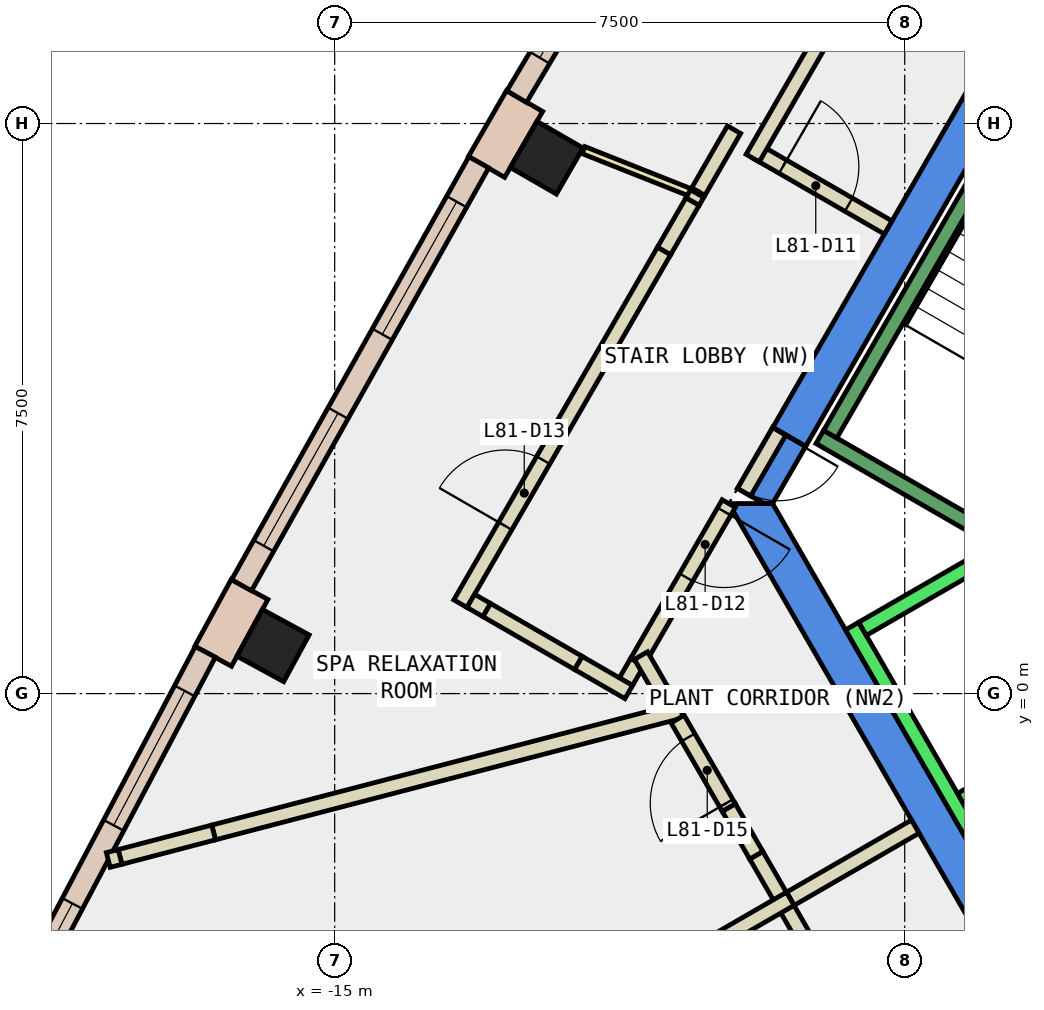
"""IFC4 building model, lengths in metres.
Left out: names, types, materials, properties, quantities, classifications, styles, units other than length and angle.
Written with IfcOpenShell. Run it as: python <this file> out.ifc"""

import sys

from ifc_helpers import new_model, si_unit, direction, frame, frame_2d, origin, origin_2d, place, context, subcontext, project, spatial, polyline, rectangle, outline, extrude, element, fill, save


model = new_model("IFC4")
c1 = context("Model", 3, precision=1e-05, world=origin(), true_north=direction((0.0, 1.0)))
c2 = subcontext(c1, "Body", "Model", "MODEL_VIEW")
j1 = project(units=[si_unit("LENGTHUNIT", "METRE"), si_unit("PLANEANGLEUNIT", "RADIAN")], contexts=[c1])
p1 = place(None, origin())
s1 = spatial("IfcSite", under=j1, at=p1, CompositionType="ELEMENT")
p2 = place(p1, origin())
s2 = spatial("IfcBuilding", under=s1, at=p2, CompositionType="ELEMENT")
p3 = place(p2, frame((0.0, 0.0, 344.9)))
s3 = spatial("IfcBuildingStorey", under=s2, at=p3, CompositionType="ELEMENT", Elevation=344.9)
for number, where, z_axis, x_axis in (
    (1, (-12.211, 7.05, -0.35), (0.0, 0.0, 1.0), (0.5, 0.866, 0.0)),
    (2, (-15.811, 0.632, -0.35), (0.0, 0.0, 1.0), (0.478, 0.878, 0.0)),
):
    element("IfcColumn", number, at=place(p3, frame(where, z_axis=z_axis, x_axis=x_axis)), inside=s3, PredefinedType="COLUMN", context=c2, shape_type="SweptSolid", body=[
        extrude(rectangle(XDim=0.7, YDim=0.7, at=origin_2d()), origin(), (0.0, 0.0, 1.0), 4.4),
    ])
p4 = place(p3, frame((0.0, 0.0, -0.35)))
e3 = element("IfcWall", 3, at=p4, inside=s3, PredefinedType="SHEAR", context=c2, shape_type="SweptSolid", body=[
    extrude(outline(polyline([(-9.236, 3.502), (-8.803, 3.253), (-4.619, 10.5), (-4.907, 11.0), (-9.236, 3.502)])), origin(), (0.0, 0.0, 1.0), 4.4),
])
p5 = place(p3, frame((0.0, 0.0, 3.6)))
e4 = element("IfcWall", 4, at=p5, inside=s3, PredefinedType="SHEAR", context=c2, shape_type="SweptSolid", body=[
    extrude(outline(polyline([(-9.7, 2.7), (-9.354, 2.5), (-9.238, 2.5), (-8.803, 3.253), (-9.236, 3.502), (-9.7, 2.7)])), origin(), (0.0, 0.0, 1.0), 0.45),
])
p6 = place(p3, frame((0.0, 0.0, -0.35)))
e5 = element("IfcWall", 5, at=p6, inside=s3, PredefinedType="SHEAR", context=c2, shape_type="SweptSolid", body=[
    extrude(outline(polyline([(-9.815, 2.5), (-4.907, -6.0), (-4.619, -5.5), (-9.238, 2.5), (-9.815, 2.5)])), origin(), (0.0, 0.0, 1.0), 4.4),
])
p7 = place(p3, frame((-12.502, 7.796, 0.0), z_axis=(0.0, 0.0, 1.0), x_axis=(-0.49960277677, -0.866254619292, 0.0)))
e6 = element("IfcWall", 6, at=p7, inside=s3, PredefinedType="STANDARD", context=c2, shape_type="SweptSolid", body=[
    extrude(rectangle(XDim=1.001, YDim=0.55, at=frame_2d((0.5, 0.0))), origin(), (0.0, 0.0, 1.0), 4.05),
])
p8 = place(p3, frame((-16.12, 1.37, 0.0), z_axis=(0.0, 0.0, 1.0), x_axis=(-0.478442030542, -0.878119139645, 0.0)))
e7 = element("IfcWall", 7, at=p8, inside=s3, PredefinedType="STANDARD", context=c2, shape_type="SweptSolid", body=[
    extrude(rectangle(XDim=1.001, YDim=0.55, at=frame_2d((0.5, 0.0))), origin(), (0.0, 0.0, 1.0), 4.05),
])
p9 = place(p3, frame((-9.347, 13.339, 0.0), z_axis=(0.0, 0.0, 1.0), x_axis=(-0.510686403068, -0.859767060152, 0.0)))
e8 = element("IfcWall", 8, at=p9, inside=s3, PredefinedType="STANDARD", context=c2, shape_type="SweptSolid", body=[
    extrude(rectangle(XDim=6.38, YDim=0.3, at=frame_2d((3.19, 0.0))), origin(), (0.0, 0.0, 1.0), 4.05),
])
p10 = place(p9, frame((0.595, 0.0, 0.9)))
e9 = element("IfcOpeningElement", 9, at=p10, cuts=e8, PredefinedType="OPENING", context=c2, shape_type="SweptSolid", body=[
    extrude(rectangle(XDim=2.0, YDim=3.0, at=frame_2d((1.0, 1.5))), frame((0.0, 0.16, 0.0), z_axis=(0.0, -1.0, 0.0), x_axis=(1.0, 0.0, 0.0)), (0.0, 0.0, 1.0), 0.32),
])
p11 = place(p9, frame((3.785, 0.0, 0.9)))
e10 = element("IfcOpeningElement", 10, at=p11, cuts=e8, PredefinedType="OPENING", context=c2, shape_type="SweptSolid", body=[
    extrude(rectangle(XDim=2.0, YDim=3.0, at=frame_2d((1.0, 1.5))), frame((0.0, 0.16, 0.0), z_axis=(0.0, -1.0, 0.0), x_axis=(1.0, 0.0, 0.0)), (0.0, 0.0, 1.0), 0.32),
])
p12 = place(p3, frame((-13.104, 6.99, 0.0), z_axis=(0.0, 0.0, 1.0), x_axis=(-0.489232514948, -0.872153396094, 0.0)))
e11 = element("IfcWall", 11, at=p12, inside=s3, PredefinedType="STANDARD", context=c2, shape_type="SweptSolid", body=[
    extrude(rectangle(XDim=6.38, YDim=0.3, at=frame_2d((3.19, 0.0))), origin(), (0.0, 0.0, 1.0), 4.05),
])
p13 = place(p12, frame((0.595, 0.0, 0.9)))
e12 = element("IfcOpeningElement", 12, at=p13, cuts=e11, PredefinedType="OPENING", context=c2, shape_type="SweptSolid", body=[
    extrude(rectangle(XDim=2.0, YDim=3.0, at=frame_2d((1.0, 1.5))), frame((0.0, 0.16, 0.0), z_axis=(0.0, -1.0, 0.0), x_axis=(1.0, 0.0, 0.0)), (0.0, 0.0, 1.0), 0.32),
])
p14 = place(p12, frame((3.785, 0.0, 0.9)))
e13 = element("IfcOpeningElement", 13, at=p14, cuts=e11, PredefinedType="OPENING", context=c2, shape_type="SweptSolid", body=[
    extrude(rectangle(XDim=2.0, YDim=3.0, at=frame_2d((1.0, 1.5))), frame((0.0, 0.16, 0.0), z_axis=(0.0, -1.0, 0.0), x_axis=(1.0, 0.0, 0.0)), (0.0, 0.0, 1.0), 0.32),
])
p15 = place(p3, frame((-16.702, 0.549, 0.0), z_axis=(0.0, 0.0, 1.0), x_axis=(-0.467155191513, -0.884175337274, 0.0)))
e14 = element("IfcWall", 14, at=p15, inside=s3, PredefinedType="STANDARD", context=c2, shape_type="SweptSolid", body=[
    extrude(rectangle(XDim=6.326, YDim=0.3, at=frame_2d((3.163, 0.0))), origin(), (0.0, 0.0, 1.0), 4.05),
])
p16 = place(p15, frame((0.581, 0.0, 0.9)))
e15 = element("IfcOpeningElement", 15, at=p16, cuts=e14, PredefinedType="OPENING", context=c2, shape_type="SweptSolid", body=[
    extrude(rectangle(XDim=2.0, YDim=3.0, at=frame_2d((1.0, 1.5))), frame((0.0, 0.16, 0.0), z_axis=(0.0, -1.0, 0.0), x_axis=(1.0, 0.0, 0.0)), (0.0, 0.0, 1.0), 0.32),
])
p17 = place(p15, frame((3.744, 0.0, 0.9)))
e16 = element("IfcOpeningElement", 16, at=p17, cuts=e14, PredefinedType="OPENING", context=c2, shape_type="SweptSolid", body=[
    extrude(rectangle(XDim=2.0, YDim=3.0, at=frame_2d((1.0, 1.5))), frame((0.0, 0.16, 0.0), z_axis=(0.0, -1.0, 0.0), x_axis=(1.0, 0.0, 0.0)), (0.0, 0.0, 1.0), 0.32),
])
p18 = place(p3, frame((-9.006, -2.7, 0.0), z_axis=(0.0, 0.0, 1.0), x_axis=(0.865980106173, 0.500078449558, 0.0)))
e17 = element("IfcWall", 17, at=p18, inside=s3, PredefinedType="PARTITIONING", context=c2, shape_type="SweptSolid", body=[
    extrude(rectangle(XDim=1.9, YDim=0.2, at=frame_2d((0.95, 0.0))), origin(), (0.0, 0.0, 1.0), 4.05),
])
p19 = place(p3, frame((-9.45, 7.132, 0.0), z_axis=(0.0, 0.0, 1.0), x_axis=(0.866010750942, -0.50002537861, 0.0)))
e18 = element("IfcWall", 18, at=p19, inside=s3, PredefinedType="PARTITIONING", context=c2, shape_type="SweptSolid", body=[
    extrude(rectangle(XDim=2.0, YDim=0.2, at=frame_2d((1.0, 0.0))), origin(), (0.0, 0.0, 1.0), 4.05),
])
p20 = place(p19, frame((0.4, 0.0, 0.0)))
e19 = element("IfcOpeningElement", 19, at=p20, cuts=e18, PredefinedType="OPENING", context=c2, shape_type="SweptSolid", body=[
    extrude(rectangle(XDim=1.0, YDim=2.1, at=frame_2d((0.5, 1.05))), frame((0.0, 0.11, 0.0), z_axis=(0.0, -1.0, 0.0), x_axis=(1.0, 0.0, 0.0)), (0.0, 0.0, 1.0), 0.22),
])
p21 = place(p3, frame((-9.815, 2.5, 0.0), z_axis=(0.0, 0.0, 1.0), x_axis=(-0.500061536317, -0.86598987286, 0.0)))
e20 = element("IfcWall", 20, at=p21, inside=s3, PredefinedType="PARTITIONING", context=c2, shape_type="SweptSolid", body=[
    extrude(rectangle(XDim=2.41, YDim=0.2, at=frame_2d((1.205, 0.0))), origin(), (0.0, 0.0, 1.0), 4.05),
])
p22 = place(p21, frame((0.121, 0.0, 0.0)))
e21 = element("IfcOpeningElement", 21, at=p22, cuts=e20, PredefinedType="OPENING", context=c2, shape_type="SweptSolid", body=[
    extrude(rectangle(XDim=1.0, YDim=2.1, at=frame_2d((0.5, 1.05))), frame((0.0, 0.11, 0.0), z_axis=(0.0, -1.0, 0.0), x_axis=(1.0, 0.0, 0.0)), (0.0, 0.0, 1.0), 0.22),
])
p23 = place(p3, frame((-11.02, 0.413, 0.0), z_axis=(0.0, 0.0, 1.0), x_axis=(-0.500222587251, -0.865896854829, 0.0)))
e22 = element("IfcWall", 22, at=p23, inside=s3, PredefinedType="PARTITIONING", context=c2, shape_type="SweptSolid", body=[
    extrude(rectangle(XDim=0.296, YDim=0.2, at=frame_2d((0.148, 0.0))), origin(), (0.0, 0.0, 1.0), 4.05),
])
p24 = place(p3, frame((-11.131, 0.02, 0.0), z_axis=(0.0, 0.0, 1.0), x_axis=(-0.865586075524, 0.500760168003, 0.0)))
e23 = element("IfcWall", 23, at=p24, inside=s3, PredefinedType="PARTITIONING", context=c2, shape_type="SweptSolid", body=[
    extrude(rectangle(XDim=0.767, YDim=0.2, at=frame_2d((0.383, 0.0))), origin(), (0.0, 0.0, 1.0), 4.05),
])
p25 = place(p3, frame((-13.346, 1.183, 0.0), z_axis=(0.0, 0.0, 1.0), x_axis=(0.500073414727, 0.865983013623, 0.0)))
e24 = element("IfcWall", 24, at=p25, inside=s3, PredefinedType="PARTITIONING", context=c2, shape_type="SweptSolid", body=[
    extrude(rectangle(XDim=5.359, YDim=0.2, at=frame_2d((2.68, 0.0))), origin(), (0.0, 0.0, 1.0), 4.05),
])
p26 = place(p25, frame((1.18, 0.0, 0.0)))
e25 = element("IfcOpeningElement", 25, at=p26, cuts=e24, PredefinedType="OPENING", context=c2, shape_type="SweptSolid", body=[
    extrude(rectangle(XDim=1.0, YDim=2.1, at=frame_2d((0.5, 1.05))), frame((0.0, 0.11, 0.0), z_axis=(0.0, -1.0, 0.0), x_axis=(1.0, 0.0, 0.0)), (0.0, 0.0, 1.0), 0.22),
])
p27 = place(p3, frame((-10.216, 6.604, 0.0), z_axis=(0.0, 0.0, 1.0), x_axis=(0.499572668549, 0.866271983178, 0.0)))
e26 = element("IfcWall", 26, at=p27, inside=s3, PredefinedType="PARTITIONING", context=c2, shape_type="SweptSolid", body=[
    extrude(rectangle(XDim=0.941, YDim=0.2, at=frame_2d((0.47, 0.0))), origin(), (0.0, 0.0, 1.0), 4.05),
])
p28 = place(p3, frame((-9.5, 7.045, 0.0), z_axis=(0.0, 0.0, 1.0), x_axis=(0.500052367415, 0.865995167332, 0.0)))
e27 = element("IfcWall", 27, at=p28, inside=s3, PredefinedType="PARTITIONING", context=c2, shape_type="SweptSolid", body=[
    extrude(rectangle(XDim=4.569, YDim=0.2, at=frame_2d((2.285, 0.0))), origin(), (0.0, 0.0, 1.0), 4.05),
])
p29 = place(p3, frame((-10.588, -0.161, 0.0), z_axis=(0.0, 0.0, 1.0), x_axis=(-0.500506694522, 0.865732665861, 0.0)))
e28 = element("IfcWall", 28, at=p29, inside=s3, PredefinedType="PARTITIONING", context=c2, shape_type="SweptSolid", body=[
    extrude(rectangle(XDim=0.763, YDim=0.2, at=frame_2d((0.382, 0.0))), origin(), (0.0, 0.0, 1.0), 4.05),
])
p30 = place(p3, frame((-9.093, -2.75, 0.0), z_axis=(0.0, 0.0, 1.0), x_axis=(-0.500153222552, 0.865936922628, 0.0)))
e29 = element("IfcWall", 29, at=p30, inside=s3, PredefinedType="PARTITIONING", context=c2, shape_type="SweptSolid", body=[
    extrude(rectangle(XDim=0.719, YDim=0.2, at=frame_2d((0.36, 0.0))), origin(), (0.0, 0.0, 1.0), 4.05),
])
p31 = place(p3, frame((-11.726, 7.15, 0.0), z_axis=(0.0, 0.0, 1.0), x_axis=(0.929589639936, -0.36859612223, 0.0)))
e30 = element("IfcWall", 30, at=p31, inside=s3, PredefinedType="PARTITIONING", context=c2, shape_type="SweptSolid", body=[
    extrude(rectangle(XDim=1.598, YDim=0.1, at=frame_2d((0.799, 0.0))), origin(), (0.0, 0.0, 1.0), 1.95),
])
p32 = place(p3, frame((-10.441, -0.223, 0.0), z_axis=(0.0, 0.0, 1.0), x_axis=(-0.967651517998, -0.252290585866, 0.0)))
e31 = element("IfcWall", 31, at=p32, inside=s3, PredefinedType="PARTITIONING", context=c2, shape_type="SweptSolid", body=[
    extrude(rectangle(XDim=6.358, YDim=0.2, at=frame_2d((3.179, 0.0))), origin(), (0.0, 0.0, 1.0), 4.05),
])
p33 = place(p3, frame((-9.15, 3.452, 0.0), z_axis=(0.0, 0.0, 1.0), x_axis=(-0.500079945886, -0.865979242085, 0.0)))
e32 = element("IfcWall", 32, at=p33, inside=s3, PredefinedType="PARTITIONING", context=c2, shape_type="SweptSolid", body=[
    extrude(rectangle(XDim=0.926, YDim=0.2, at=frame_2d((0.463, 0.0))), origin(), (0.0, 0.0, 1.0), 2.4),
])
p34 = place(p33, frame((0.017, 0.0, 0.0)))
e33 = element("IfcOpeningElement", 33, at=p34, cuts=e32, PredefinedType="OPENING", context=c2, shape_type="SweptSolid", body=[
    extrude(rectangle(XDim=0.9, YDim=2.1, at=frame_2d((0.45, 1.05))), frame((0.0, 0.11, 0.0), z_axis=(0.0, -1.0, 0.0), x_axis=(1.0, 0.0, 0.0)), (0.0, 0.0, 1.0), 0.22),
])
p35 = place(p3, frame((-8.185, -4.322, 0.0), z_axis=(0.0, 0.0, 1.0), x_axis=(-0.500145398563, 0.865941441609, 0.0)))
e34 = element("IfcWall", 34, at=p35, inside=s3, PredefinedType="PARTITIONING", context=c2, shape_type="SweptSolid", body=[
    extrude(rectangle(XDim=1.815, YDim=0.2, at=frame_2d((0.908, 0.0))), origin(), (0.0, 0.0, 1.0), 4.05),
])
p36 = place(p3, frame((-18.407, -8.127, 0.0), z_axis=(0.0, 0.0, 1.0), x_axis=(0.866049258168, 0.49995868072, 0.0)))
e35 = element("IfcWall", 35, at=p36, inside=s3, PredefinedType="PARTITIONING", context=c2, shape_type="SweptSolid", body=[
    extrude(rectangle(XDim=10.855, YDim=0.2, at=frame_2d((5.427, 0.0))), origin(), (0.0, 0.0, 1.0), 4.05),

--- Task item ---
Look through the entries above and quote exactly the lines from the line with "p10 = place(p9, frame((0.595, 0.0, 0.9)))" to the line with "x_axis=(-0.467155191513, -0.884175337274, 0.0)))", counting both of those lines.

--- Reply ---
p10 = place(p9, frame((0.595, 0.0, 0.9)))
e9 = element("IfcOpeningElement", 9, at=p10, cuts=e8, PredefinedType="OPENING", context=c2, shape_type="SweptSolid", body=[
    extrude(rectangle(XDim=2.0, YDim=3.0, at=frame_2d((1.0, 1.5))), frame((0.0, 0.16, 0.0), z_axis=(0.0, -1.0, 0.0), x_axis=(1.0, 0.0, 0.0)), (0.0, 0.0, 1.0), 0.32),
])
p11 = place(p9, frame((3.785, 0.0, 0.9)))
e10 = element("IfcOpeningElement", 10, at=p11, cuts=e8, PredefinedType="OPENING", context=c2, shape_type="SweptSolid", body=[
    extrude(rectangle(XDim=2.0, YDim=3.0, at=frame_2d((1.0, 1.5))), frame((0.0, 0.16, 0.0), z_axis=(0.0, -1.0, 0.0), x_axis=(1.0, 0.0, 0.0)), (0.0, 0.0, 1.0), 0.32),
])
p12 = place(p3, frame((-13.104, 6.99, 0.0), z_axis=(0.0, 0.0, 1.0), x_axis=(-0.489232514948, -0.872153396094, 0.0)))
e11 = element("IfcWall", 11, at=p12, inside=s3, PredefinedType="STANDARD", context=c2, shape_type="SweptSolid", body=[
    extrude(rectangle(XDim=6.38, YDim=0.3, at=frame_2d((3.19, 0.0))), origin(), (0.0, 0.0, 1.0), 4.05),
])
p13 = place(p12, frame((0.595, 0.0, 0.9)))
e12 = element("IfcOpeningElement", 12, at=p13, cuts=e11, PredefinedType="OPENING", context=c2, shape_type="SweptSolid", body=[
    extrude(rectangle(XDim=2.0, YDim=3.0, at=frame_2d((1.0, 1.5))), frame((0.0, 0.16, 0.0), z_axis=(0.0, -1.0, 0.0), x_axis=(1.0, 0.0, 0.0)), (0.0, 0.0, 1.0), 0.32),
])
p14 = place(p12, frame((3.785, 0.0, 0.9)))
e13 = element("IfcOpeningElement", 13, at=p14, cuts=e11, PredefinedType="OPENING", context=c2, shape_type="SweptSolid", body=[
    extrude(rectangle(XDim=2.0, YDim=3.0, at=frame_2d((1.0, 1.5))), frame((0.0, 0.16, 0.0), z_axis=(0.0, -1.0, 0.0), x_axis=(1.0, 0.0, 0.0)), (0.0, 0.0, 1.0), 0.32),
])
p15 = place(p3, frame((-16.702, 0.549, 0.0), z_axis=(0.0, 0.0, 1.0), x_axis=(-0.467155191513, -0.884175337274, 0.0)))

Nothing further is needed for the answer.